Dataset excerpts
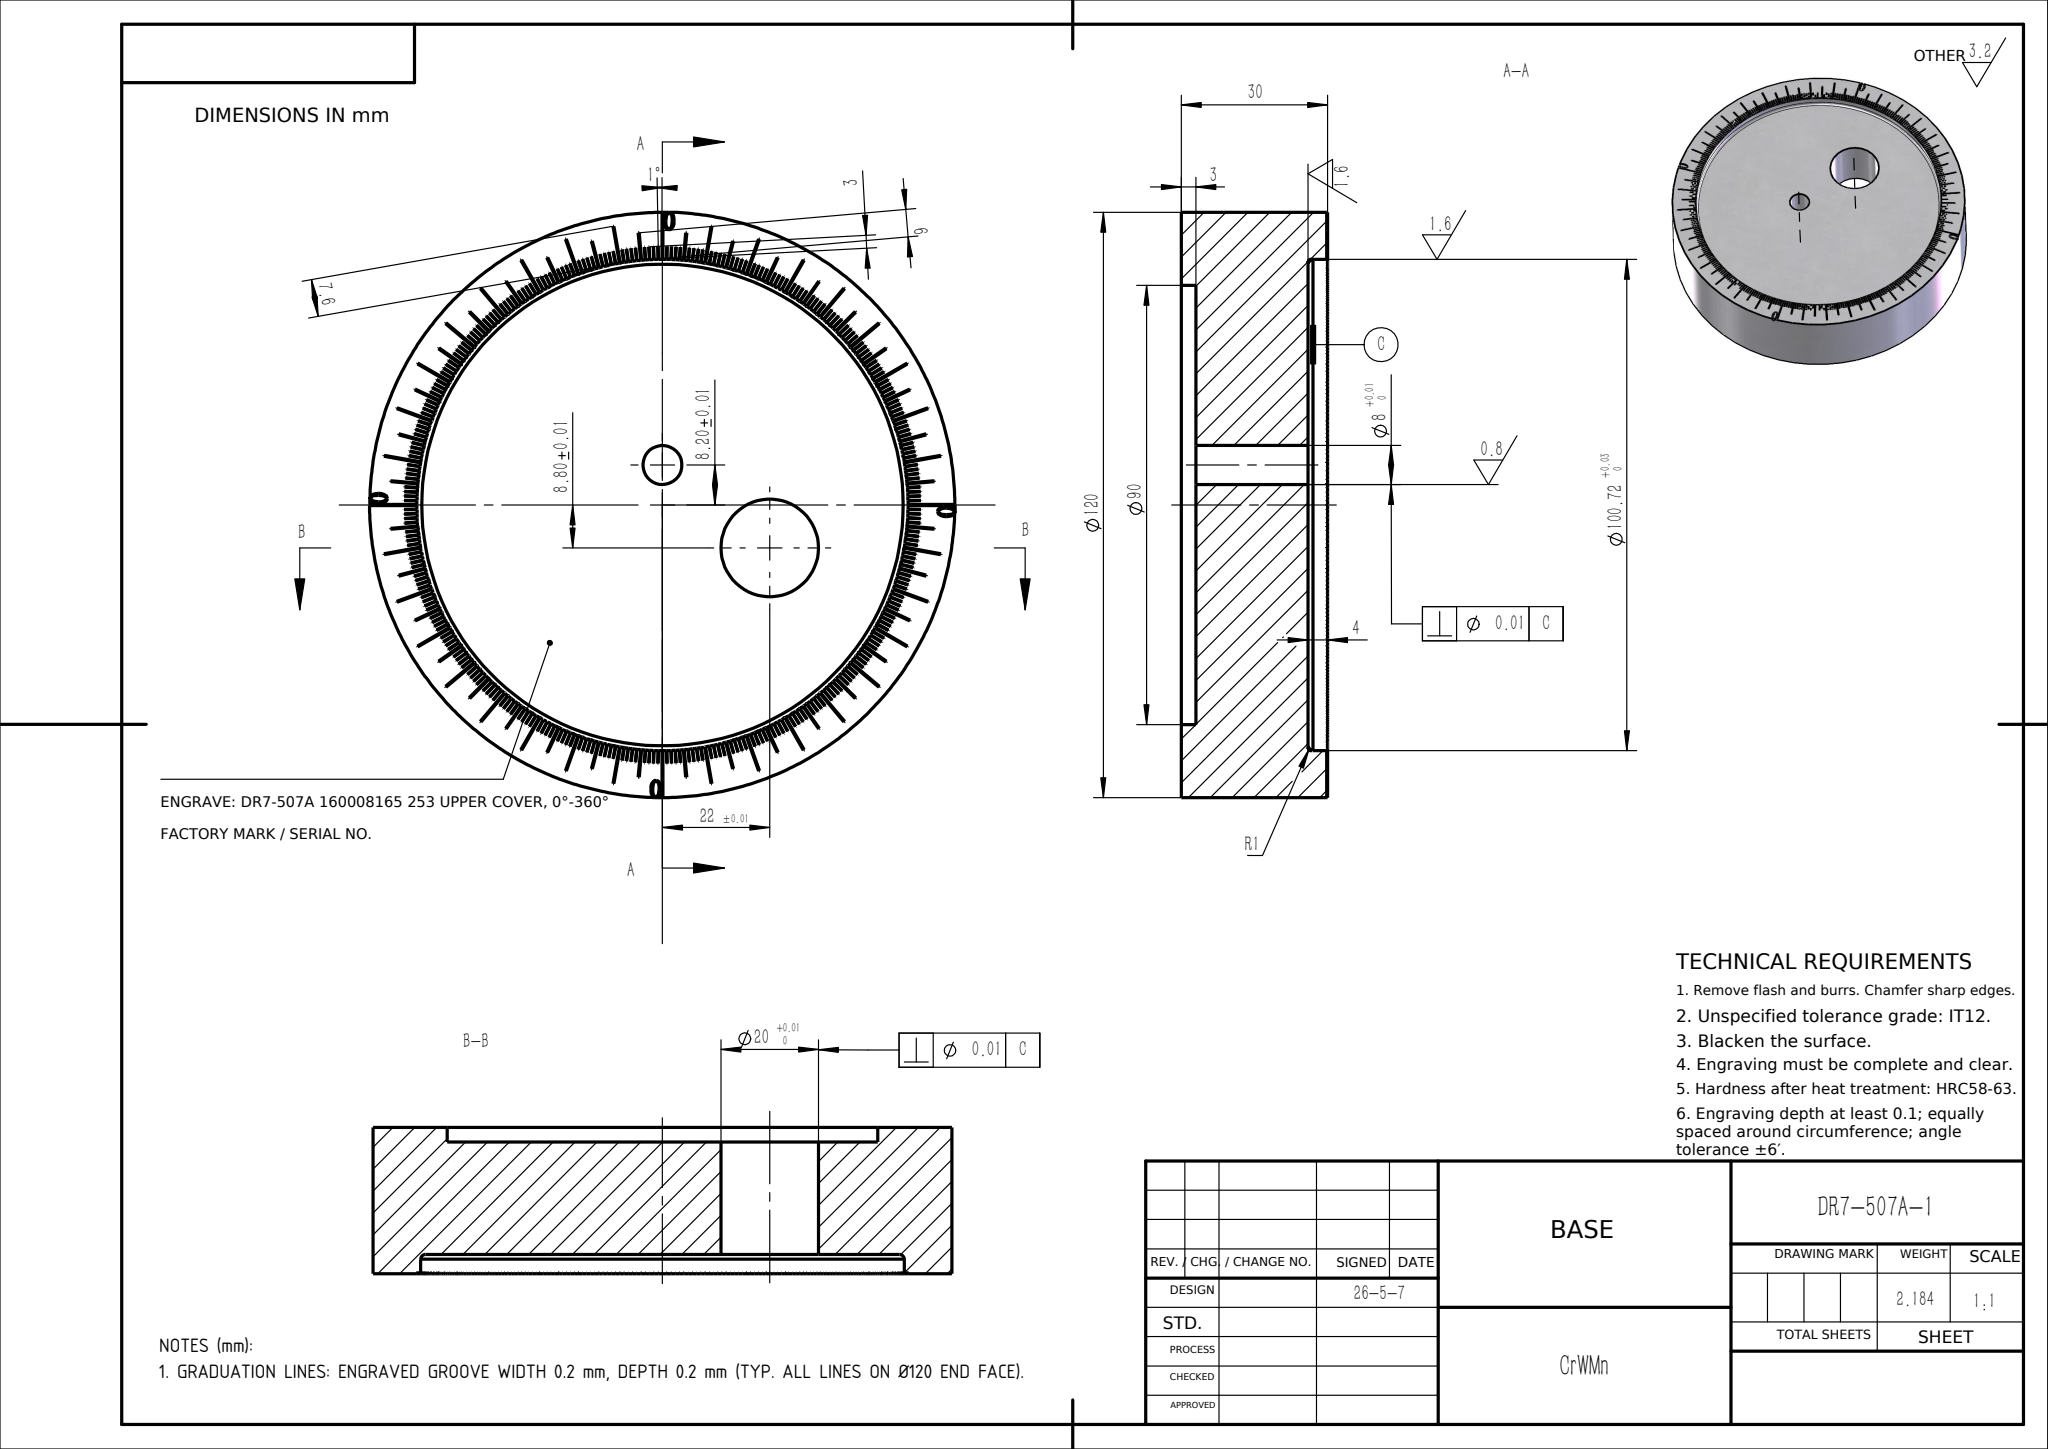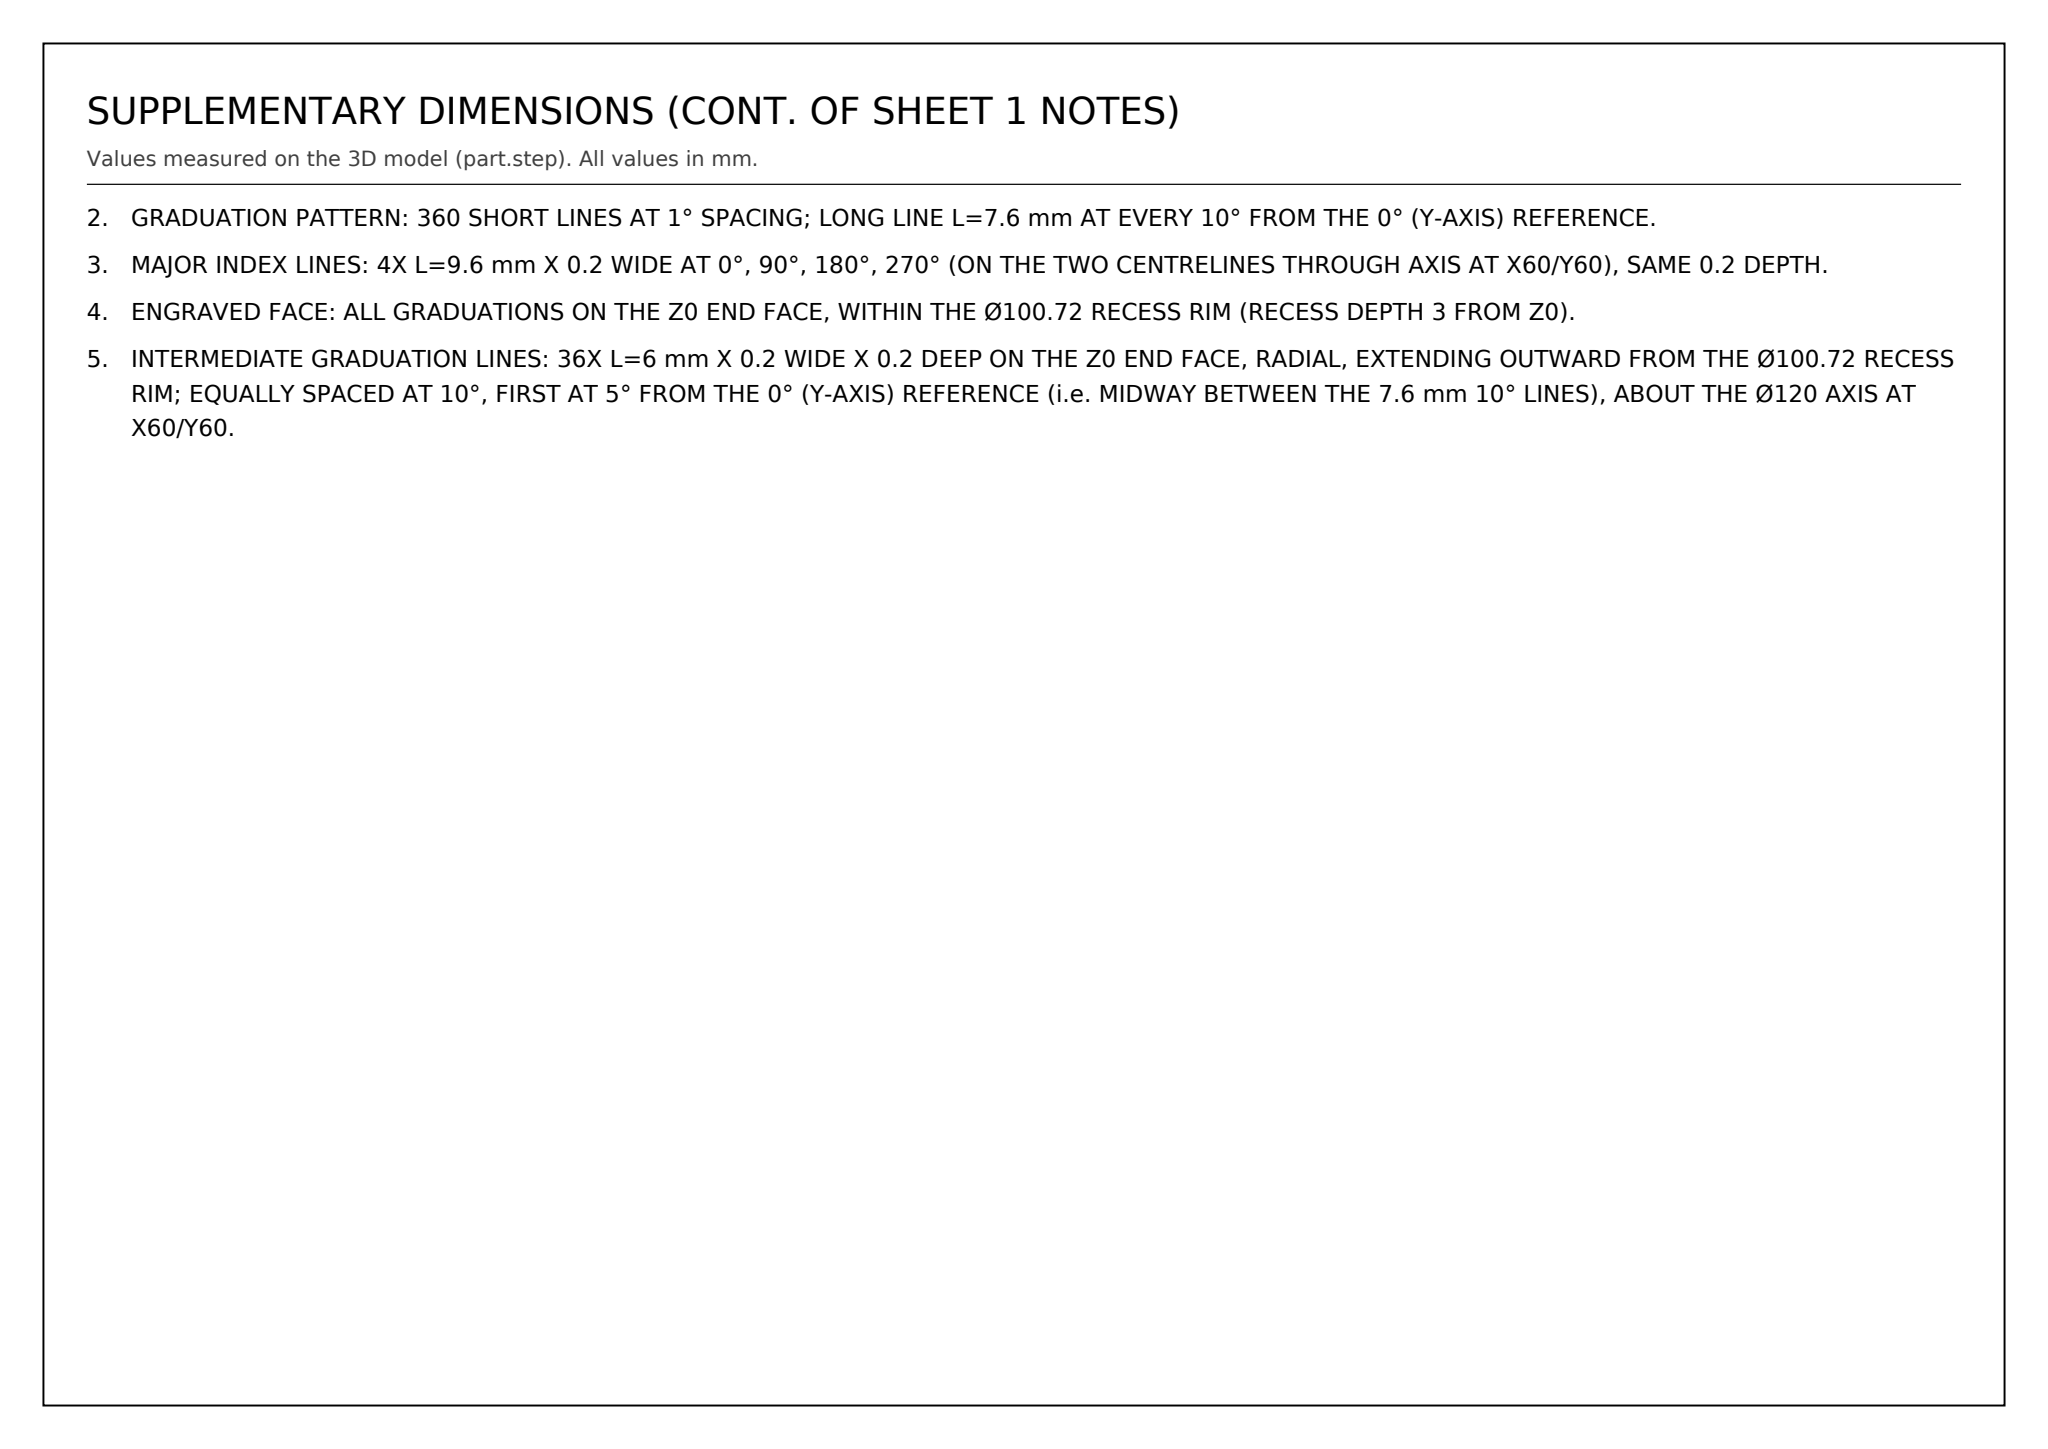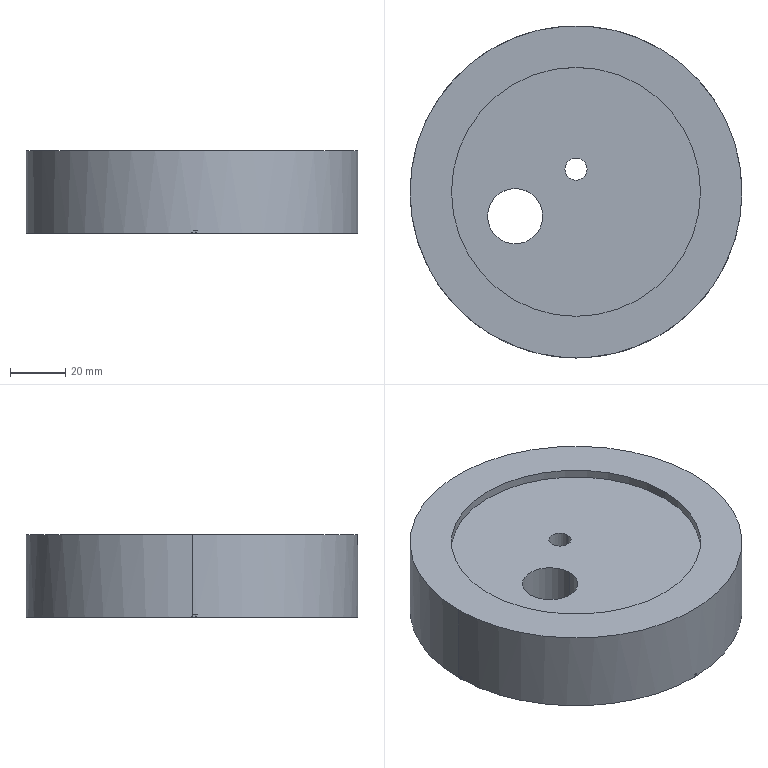Part | SolidWorks | mm | 1 solid | 1495 faces | box 120 x 120 x 30 mm | volume 279978 mm3 | plane 1451 | spline 32 | cylinder 10 | torus 2 | commonest cylinder face diameters 90 x2 120 x2 8 x2 20 x2 100.72 x2
Drawing notes:
GRADUATION LINES: ENGRAVED GROOVE WIDTH 0.2 mm, DEPTH 0.2 mm (TYP. ALL LINES ON Ø120 END FACE). | from the solid: axis_planes normal x at 59.9 and 60.1 (0.2 apart) with z extent [0.0,0.2] forming one graduation groove
GRADUATION PATTERN: 360 SHORT LINES AT 1° SPACING; LONG LINE L=7.6 mm AT EVERY 10° FROM THE 0° (Y-AXIS) REFERENCE. | from the solid: inclined_planes angle_to_xyz_axes [10.0,80.0,90.0], size [1.3,7.5,0.2] (7.6 long mark at 10° increment)
MAJOR INDEX LINES: 4X L=9.6 mm X 0.2 WIDE AT 0°, 90°, 180°, 270° (ON THE TWO CENTRELINES THROUGH AXIS AT X60/Y60), SAME 0.2 DEPTH. | from the solid: axis_planes x=59.9/60.1 with y extents [0.0,9.6] and [110.4,120.0]; y=59.9/60.1 with x extents [0.0,9.6] and [110.4,120.0]
ENGRAVED FACE: ALL GRADUATIONS ON THE Z0 END FACE, WITHIN THE Ø100.72 RECESS RIM (RECESS DEPTH 3 FROM Z0). | from the solid: hole/bore Ø100.72 on z axis at (60,60), from z 0.0 to 3.0; graduation planes at z 0.0-0.2
INTERMEDIATE GRADUATION LINES: 36X L=6 mm X 0.2 WIDE X 0.2 DEEP ON THE Z0 END FACE, RADIAL, EXTENDING OUTWARD FROM THE Ø100.72 RECESS RIM; EQUALLY SPACED AT 10°, FIRST AT 5° FROM THE 0° (Y-AXIS) REFERENCE (i.e. MIDWAY BETWEEN THE 7.6 mm 10° LINES), ABOUT THE Ø120 AXIS AT X60/Y60. | from the solid: axis_planes z=0.2 tick faces, e.g. x[101.2,105.9] y[27.8,31.2] (len 5.8≈6 mm, 125° from +Y) and x[105.6,110.8] y[36.2,38.8] (115°), lying midway between 7.6 mm ticks x[103.6,110.3] y[30.9,34.9] (120°) and x[107.3,114.5] y[77.1,79.9]; inner ends at R50.36 = Ø100.72 bore rim

Work task
Starting from the records above, copy each line where the string "ENGRAVED" is found.

Response
GRADUATION LINES: ENGRAVED GROOVE WIDTH 0.2 mm, DEPTH 0.2 mm (TYP. ALL LINES ON Ø120 END FACE). | from the solid: axis_planes normal x at 59.9 and 60.1 (0.2 apart) with z extent [0.0,0.2] forming one graduation groove
ENGRAVED FACE: ALL GRADUATIONS ON THE Z0 END FACE, WITHIN THE Ø100.72 RECESS RIM (RECESS DEPTH 3 FROM Z0). | from the solid: hole/bore Ø100.72 on z axis at (60,60), from z 0.0 to 3.0; graduation planes at z 0.0-0.2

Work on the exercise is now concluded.